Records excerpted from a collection

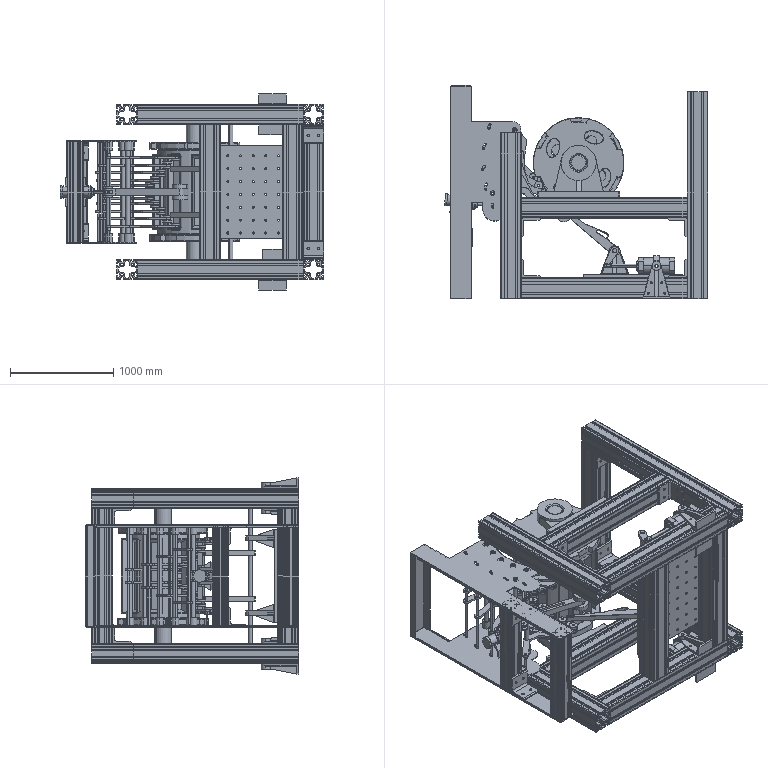Assembly | SolidWorks | mm | 107 component files | 109 solids | 5082 faces | box 2545.98 x 2062 x 1896 mm | volume 839477770 mm3 | plane 3158 | cylinder 1371 | cone 332 | spline 113 | torus 100 | sphere 8 | commonest cylinder face diameters 20 x420 12 x132 24 x88 44.189 x76 60 x61 4 x48 10 x44 85 x40
Bill of materials:
AluminumIngotContainer | 10 |  | Elongated straight prism with a four-sided, non-rectangular (trapezoid/parallelogram-like) cross-section; plain flat faces with no holes or cutouts.
AluminumProfile | 2 |  | Straight extruded bar with a square, slotted profile: two undercut T-style slots on each side, four round bores in the inner lobes, small round corner channels with narrow slits, and a large cross-shaped central cavity.
AluminumProfile100x100 | 6 |  | Straight extruded bar with the same square, slotted profile: two undercut slots per side, four round inner bores, four small corner channels and a cross-shaped central cavity.
AluminumProfile2 | 3 |  | Straight square extruded bar with two undercut slots on each side, four round inner bores, small corner channels and a cross-shaped central cavity; shown standing vertically.
AluminumProfile3 | 2 |  | Straight square extruded bar with two undercut slots on each side, four round inner bores, small corner channels and a cross-shaped central cavity; shown standing vertically.
ConnectingRod1 | 2 | 45 | Flat, thick tapered link plate with rounded ends: a large through-hole in the wide end and a small through-hole in the narrow end.
Cylinder2 | 1 |  | Stepped cylindrical part (shaft or sleeve) with an axial bore. It has end collars, a raised central collar with a radial cross-hole, and a stepped spigot at one end. The bore looks D-shaped, with a flat.
CylinderPistonRod | 2 | 45 | Slender round rod with a flattened eye end (small through-hole) at one end and a larger solid cylindrical head at the other.
cz | 2 |  | Thick circular disc with a small central through-hole and small chamfers on the outer edges and the hole edge.
IngotConnectingArm | 2 | 45 | Flat, elongated, tapered lever plate. It has a rounded boss end with a pivot through-hole, a small radial hole into the boss edge, a triangular through-slot, and a small rectangular tab standing up from one edge.
IngotConnectingRodMandrel | 4 |  | Very long, slender cylindrical rod or tube. The end view shows a central faceted feature that may be a small axial bore or a conical end recess.
IngotSupportRod | 10 | 45 | Thin flat bent link (bell-crank-like) plate with three arm segments, rounded ends, a small hole at each end, and a larger hole at the corner between the first two arms.
Mandrel | 6 | 45 | Long slender cylindrical rod with an enlarged cylindrical collar at each end and a short smaller stub beyond each collar; the end view shows an annular face with a central axial hole.
Mandrel2 | 1 | 45 | Plain solid slender cylindrical rod of uniform diameter with flat ends.
MiddleTrunnionCylinder | 2 | 45 | Axisymmetric body with octagonal prism sections at both ends and a larger octagonal collar in the middle, joined by cylindrical sections, plus a short chamfered cylindrical spigot at one end. A single radial cross-hole passes through the central collar.
MountingPlate | 1 | 45 | Thin flat rectangular plate with a regular grid of small round through holes: 7 rows, where the five inner rows have 9 holes and the top and bottom rows have 7 holes (the two right-hand columns are missing in those rows).
Piston2 | 1 |  | Stepped pin with a larger cylindrical head, a long slender cylindrical shank, and a rounded tip end with a transverse through hole.
Roller | 20 | 45 | Thick circular disc or washer-like ring with a central through hole and chamfered outer edges on both faces.
SmallPin | 2 |  | Stepped cylindrical shaft with a long shank, a larger-diameter collar near one end, and a short smaller stub beyond the collar. The stub end face has a small central hole.
SupportBase | 2 | 45 | Bracket made of a rectangular mounting flange with four small through holes near its ends, and a perpendicular tapered lug with a rounded end and one large through hole.
SupportBase2 | 2 |  | Bracket with a flat rectangular back plate and a perpendicular tapered, pocketed lug. The lug has a raised perimeter rim, a central rib, and a rounded boss at the apex with a through hole.
SupportBase3 | 2 |  | Tapered triangular plate bracket with a rounded apex holding a larger through hole, four smaller through holes in two pairs, and a perpendicular flange along the wide base edge.
SupportBase3 | 1 |  | L-shaped bracket. A flat, symmetric, tapered (trapezoidal) base plate has a wide end and a narrow end with a rounded tip. A rectangular vertical flange rises along the full width of the wide end. A raised central rib runs along the plate's centerline and slopes down from the flange to a thicker cylindrical boss at the narrow end. The boss has a through hole. There are four smaller through holes in the plate, two on each side of the rib.
SupportBase3 | 1 |  | Asymmetric tapered plate bracket. It is a flat plate with one straight side and one angled side, narrowing to a rounded tip. The tip carries a larger through hole in a cylindrical boss that is deeper than the plate. A narrow flange turns down along the wide end. There are four smaller through holes in the plate. The side view suggests a tapered web or gusset under the plate, running from the flange to the boss.
SupportBase4 | 2 |  | Triangular gusset-style bracket: a triangular plate with a rounded apex and one through hole, joined at its base to a perpendicular rectangular flange that has two through holes.
SupportFrame | 1 |  | Thin-walled C-shaped frame: two parallel long thin strips joined at one end by a perpendicular web. Each strip has a lobed side extension with a concave curved edge, a row of round holes, and a row of short arc-shaped slots.
TappingArm | 1 |  | Long, flat, straight lever arm. One end has a cylindrical hub with a through bore, and a forked side lug extends from that end at an angle. The arm has a long slot along its length and a small hole near its rounded far end.
U-shapedPlate | 12 |  | L-section angle bracket with two legs of similar length at 90 degrees. It has a rounded inner bend, slightly rounded outer corner and chamfered leg tips. Each leg has two round through-holes in a line.
Wheel | 1 | 45 | Short solid cylinder with a central axial bore and four smaller axial through-holes evenly spaced on a bolt circle. The outer surface has longitudinal rectangular recessed pockets around its circumference, and the end edges are chamfered.
WheelIndexingPlate | 2 | 45 | Thin flat disc with a stepped, notched outer edge, a central round hole, and four oval through-holes arranged around the center.
WheelMandrel | 1 |  | Plain solid straight cylindrical rod or pin with small chamfers at both ends.
Mates:
1. coincident | SupportFrame-2 plane at (0, 0, 0) dir (0, 0, 1) | assembly plane at (0, 0, 0) dir (0, 0, 1)
2. coincident | SupportFrame-2 plane at (0, 0, 0) dir (0, 1, 0) | assembly plane at (0, 0, 0) dir (0, 1, 0)
3. coincident | SupportFrame-2 plane at (0, 0, 0) dir (1, 0, 0) | assembly plane at (0, 0, 0) dir (1, 0, 0)
4. width | Wheel-1 face at (1138.564, 280.356, 80) dir (0, 0, -1) | Wheel-1 face at (1138.564, 280.356, 910) dir (0, 0, 1) | SupportFrame-2 face at (0, 0, 0) dir (0, 0, -1) | SupportFrame-2 face at (0, 0, 990) dir (0, 0, 1)
5. concentric | SupportFrame-2 face at (521.144, 598.058, -1429) dir (0, 0, 1) r 22.094 | Mandrel-1 face at (521.144, 598.058, 995) dir (0, 0, -1) r 22.094
6. width | Mandrel-1 face at (521.144, 598.058, -5) dir (0, 0, -1) | Mandrel-1 face at (521.144, 598.058, 995) dir (0, 0, 1) | SupportFrame-2 face at (0, 0, 990) dir (0, 0, 1) | SupportFrame-2 face at (0, 0, 0) dir (0, 0, -1)
7. concentric | Wheel-1 face at (1138.564, 280.356, -180) dir (0, 0, 1) r 80 | SupportBase-1 face at (1138.564, 280.356, -155) dir (0, 0, -1) r 80
8. concentric | Mandrel-1 face at (521.144, 598.058, 995) dir (0, 0, -1) r 22.094 | IngotSupportRod-1 face at (521.144, 598.058, 445) dir (0, 0, -1) r 22.094
9. concentric | IngotSupportRod-1 face at (705.127, 143.342, 445) dir (0, 0, -1) r 30 | Roller-2 face at (705.127, 143.342, 470) dir (0, 0, -1) r 10
10. concentric | IngotSupportRod-1 face at (705.127, 143.342, 445) dir (0, 0, -1) r 30 | Roller-1 face at (705.127, 143.342, 425) dir (0, 0, -1) r 10
11. coincident | IngotSupportRod-1 face at (17.945, 67.185, 425) dir (0, 0, -1) | Roller-1 face at (705.127, 143.342, 425) dir (0, 0, 1)
12. coincident | IngotSupportRod-1 face at (17.945, 67.185, 445) dir (0, 0, 1) | Roller-2 face at (705.127, 143.342, 445) dir (0, 0, -1)
13. concentric | Mandrel-4 face at (440.739, 312.216, 995) dir (0, 0, -1) r 22.094 | IngotSupportRod-5 face at (440.739, 312.216, 320) dir (0, 0, -1) r 22.094
14. concentric | Mandrel-5 face at (450.613, 163.114, 995) dir (0, 0, -1) r 22.094 | IngotSupportRod-6 face at (450.613, 163.114, 245) dir (0, 0, -1) r 22.094
15. concentric | Mandrel-6 face at (493.776, 20.056, 995) dir (0, 0, -1) r 22.094 | IngotSupportRod-7 face at (493.776, 20.056, 170) dir (0, 0, -1) r 22.094
16. concentric | Roller-3 face at (753.229, 63.053, 370) dir (0, 0, -1) r 10 | IngotSupportRod-4 face at (753.229, 63.053, 390) dir (0, 0, -1) r 10
17. coincident | Roller-3 face at (753.229, 63.053, 370) dir (0, 0, 1) | IngotSupportRod-4 face at (104.912, -177.165, 370) dir (0, 0, -1)
18. concentric | Roller-3 face at (753.229, 63.053, 370) dir (0, 0, -1) r 42.5 | Roller-7 face at (753.229, 63.053, 415) dir (0, 0, -1) r 42.5
19. coincident | Roller-7 face at (753.229, 63.053, 390) dir (0, 0, -1) | IngotSupportRod-4 face at (104.912, -177.165, 390) dir (0, 0, 1)
20. concentric | Roller-4 face at (809.993, -10.688, 345) dir (0, 0, -1) r 42.5 | Roller-8 face at (809.993, -10.688, 300) dir (0, 0, -1) r 42.5
21. concentric | Roller-4 face at (809.993, -10.688, 345) dir (0, 0, -1) r 42.5 | IngotSupportRod-5 face at (809.993, -10.688, 320) dir (0, 0, -1) r 30
22. coincident | Roller-4 face at (809.993, -10.688, 320) dir (0, 0, -1) | IngotSupportRod-5 face at (230.978, -388.524, 320) dir (0, 0, 1)
23. coincident | Roller-8 face at (809.993, -10.688, 300) dir (0, 0, 1) | IngotSupportRod-5 face at (230.978, -388.524, 300) dir (0, 0, -1)
24. concentric | Roller-5 face at (870.434, -90.592, 270) dir (0, 0, -1) r 10 | IngotSupportRod-6 face at (870.434, -90.592, 245) dir (0, 0, -1) r 30
25. coincident | Roller-5 face at (870.434, -90.592, 245) dir (0, 0, -1) | IngotSupportRod-6 face at (366.019, -563.439, 245) dir (0, 0, 1)
26. concentric | Roller-9 face at (870.434, -90.592, 225) dir (0, 0, -1) r 10 | IngotSupportRod-6 face at (870.434, -90.592, 245) dir (0, 0, -1) r 30
27. coincident | Roller-9 face at (870.434, -90.592, 225) dir (0, 0, 1) | IngotSupportRod-6 face at (366.019, -563.439, 225) dir (0, 0, -1)
28. concentric | Roller-6 face at (950.087, -159.933, 195) dir (0, 0, -1) r 42.5 | Roller-10 face at (950.087, -159.933, 150) dir (0, 0, -1) r 42.5
29. concentric | Roller-6 face at (950.087, -159.933, 195) dir (0, 0, -1) r 42.5 | IngotSupportRod-7 face at (950.087, -159.933, 170) dir (0, 0, -1) r 30
30. coincident | Roller-6 face at (950.087, -159.933, 170) dir (0, 0, -1) | IngotSupportRod-7 face at (531.776, -710.418, 170) dir (0, 0, 1)
31. coincident | Roller-10 face at (950.087, -159.933, 150) dir (0, 0, 1) | IngotSupportRod-7 face at (531.776, -710.418, 150) dir (0, 0, -1)
32. concentric | Wheel-1 face at (1138.564, 280.356, -180) dir (0, 0, 1) r 80 | WheelIndexingPlate-1 face at (1138.564, 280.356, 80) dir (0, 0, -1) r 80
33. coincident | Wheel-1 face at (1138.564, 280.356, 80) dir (0, 0, -1) | WheelIndexingPlate-1 face at (1138.564, 280.356, 80) dir (0, 0, 1)
34. concentric | Mandrel-3 face at (464.658, 459.717, 995) dir (0, 0, -1) r 22.094 | IngotSupportRod-4 face at (464.658, 459.717, 390) dir (0, 0, -1) r 22.094
35. concentric | Wheel-1 face at (1138.564, 280.356, 910) dir (0, 0, -1) r 357.5 | WheelIndexingPlate-3 face at (1138.564, 280.356, 970) dir (0, 0, -1) r 395
36. coincident | Wheel-1 face at (1138.564, 280.356, 910) dir (0, 0, 1) | WheelIndexingPlate-3 face at (1138.564, 280.356, 910) dir (0, 0, -1)
37. coincident | Wheel-1 face at (925.229, 626.929, 135) dir (-0.9256, -0.3784, 0) | AluminumIngotContainer-1 face at (925.229, 626.929, 135) dir (0.9256, 0.3784, 0)
38. coincident | Wheel-1 face at (919.439, 521.727, 80) dir (-0.6722, 0.7404, 0) | AluminumIngotContainer-1 face at (919.439, 521.727, 495) dir (0.6722, -0.7404, 0)
39. coincident | Wheel-1 face at (925.229, 626.929, 855) dir (-0.2299, 0.2532, -0.9397) | AluminumIngotContainer-1 face at (814.168, 526.105, 855) dir (0.2299, -0.2532, 0.9397)
40. concentric | MiddleTrunnionCylinder-1 face at (1766, -713.926, -260) dir (-1, 0.0005394, 0) r 40 | CylinderPistonRod-1 face at (1749.707, -713.917, -260) dir (1, -0.0005394, 0) r 40
41. parallel | MiddleTrunnionCylinder-1 face at (1765.96, -788.926, -335) dir (0, 0, -1) | CylinderPistonRod-1 face at (1399.707, -713.728, -280) dir (0, 0, -1)
42. concentric | CylinderPistonRod-1 face at (1399.707, -713.728, -280) dir (0, 0, 1) r 8.5 | ConnectingRod1-1 face at (1399.707, -713.728, -200) dir (0, 0, -1) r 8.5
43. distance | IngotSupportRod-1 face at (17.945, 67.185, 445) dir (0, 0, 1) | IngotSupportRod-13 face at (17.945, 67.185, 545) dir (0, 0, -1)
44. distance | IngotSupportRod-4 face at (104.912, -177.165, 390) dir (0, 0, 1) | IngotSupportRod-12 face at (104.912, -177.165, 600) dir (0, 0, -1)
45. distance | IngotSupportRod-5 face at (230.978, -388.524, 320) dir (0, 0, 1) | IngotSupportRod-16 face at (230.978, -388.524, 670) dir (0, 0, -1)
46. distance | IngotSupportRod-6 face at (366.019, -563.439, 245) dir (0, 0, 1) | IngotSupportRod-15 edge at (458.04, 192.181, 745) dir (0.9689, -0.2475, 0)
47. distance | IngotSupportRod-7 face at (531.776, -710.418, 170) dir (0, 0, 1) | IngotSupportRod-14 face at (531.776, -710.418, 820) dir (0, 0, -1)
48. coincident | CylinderPistonRod-1 face at (1399.707, -713.728, -240) dir (0, 0, 1) | ConnectingRod1-1 face at (468.852, 496.589, -240) dir (0, 0, -1)
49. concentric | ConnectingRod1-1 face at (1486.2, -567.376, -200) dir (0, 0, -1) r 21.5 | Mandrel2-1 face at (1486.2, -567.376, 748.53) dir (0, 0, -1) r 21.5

● GOAL OF THE EXERCISE
From the line that has "16. concentric |" through the line that has "21. concentric |", copy every line exactly as it appears above, and leave out all others.

● EXERCISE SOLUTION
16. concentric | Roller-3 face at (753.229, 63.053, 370) dir (0, 0, -1) r 10 | IngotSupportRod-4 face at (753.229, 63.053, 390) dir (0, 0, -1) r 10
17. coincident | Roller-3 face at (753.229, 63.053, 370) dir (0, 0, 1) | IngotSupportRod-4 face at (104.912, -177.165, 370) dir (0, 0, -1)
18. concentric | Roller-3 face at (753.229, 63.053, 370) dir (0, 0, -1) r 42.5 | Roller-7 face at (753.229, 63.053, 415) dir (0, 0, -1) r 42.5
19. coincident | Roller-7 face at (753.229, 63.053, 390) dir (0, 0, -1) | IngotSupportRod-4 face at (104.912, -177.165, 390) dir (0, 0, 1)
20. concentric | Roller-4 face at (809.993, -10.688, 345) dir (0, 0, -1) r 42.5 | Roller-8 face at (809.993, -10.688, 300) dir (0, 0, -1) r 42.5
21. concentric | Roller-4 face at (809.993, -10.688, 345) dir (0, 0, -1) r 42.5 | IngotSupportRod-5 face at (809.993, -10.688, 320) dir (0, 0, -1) r 30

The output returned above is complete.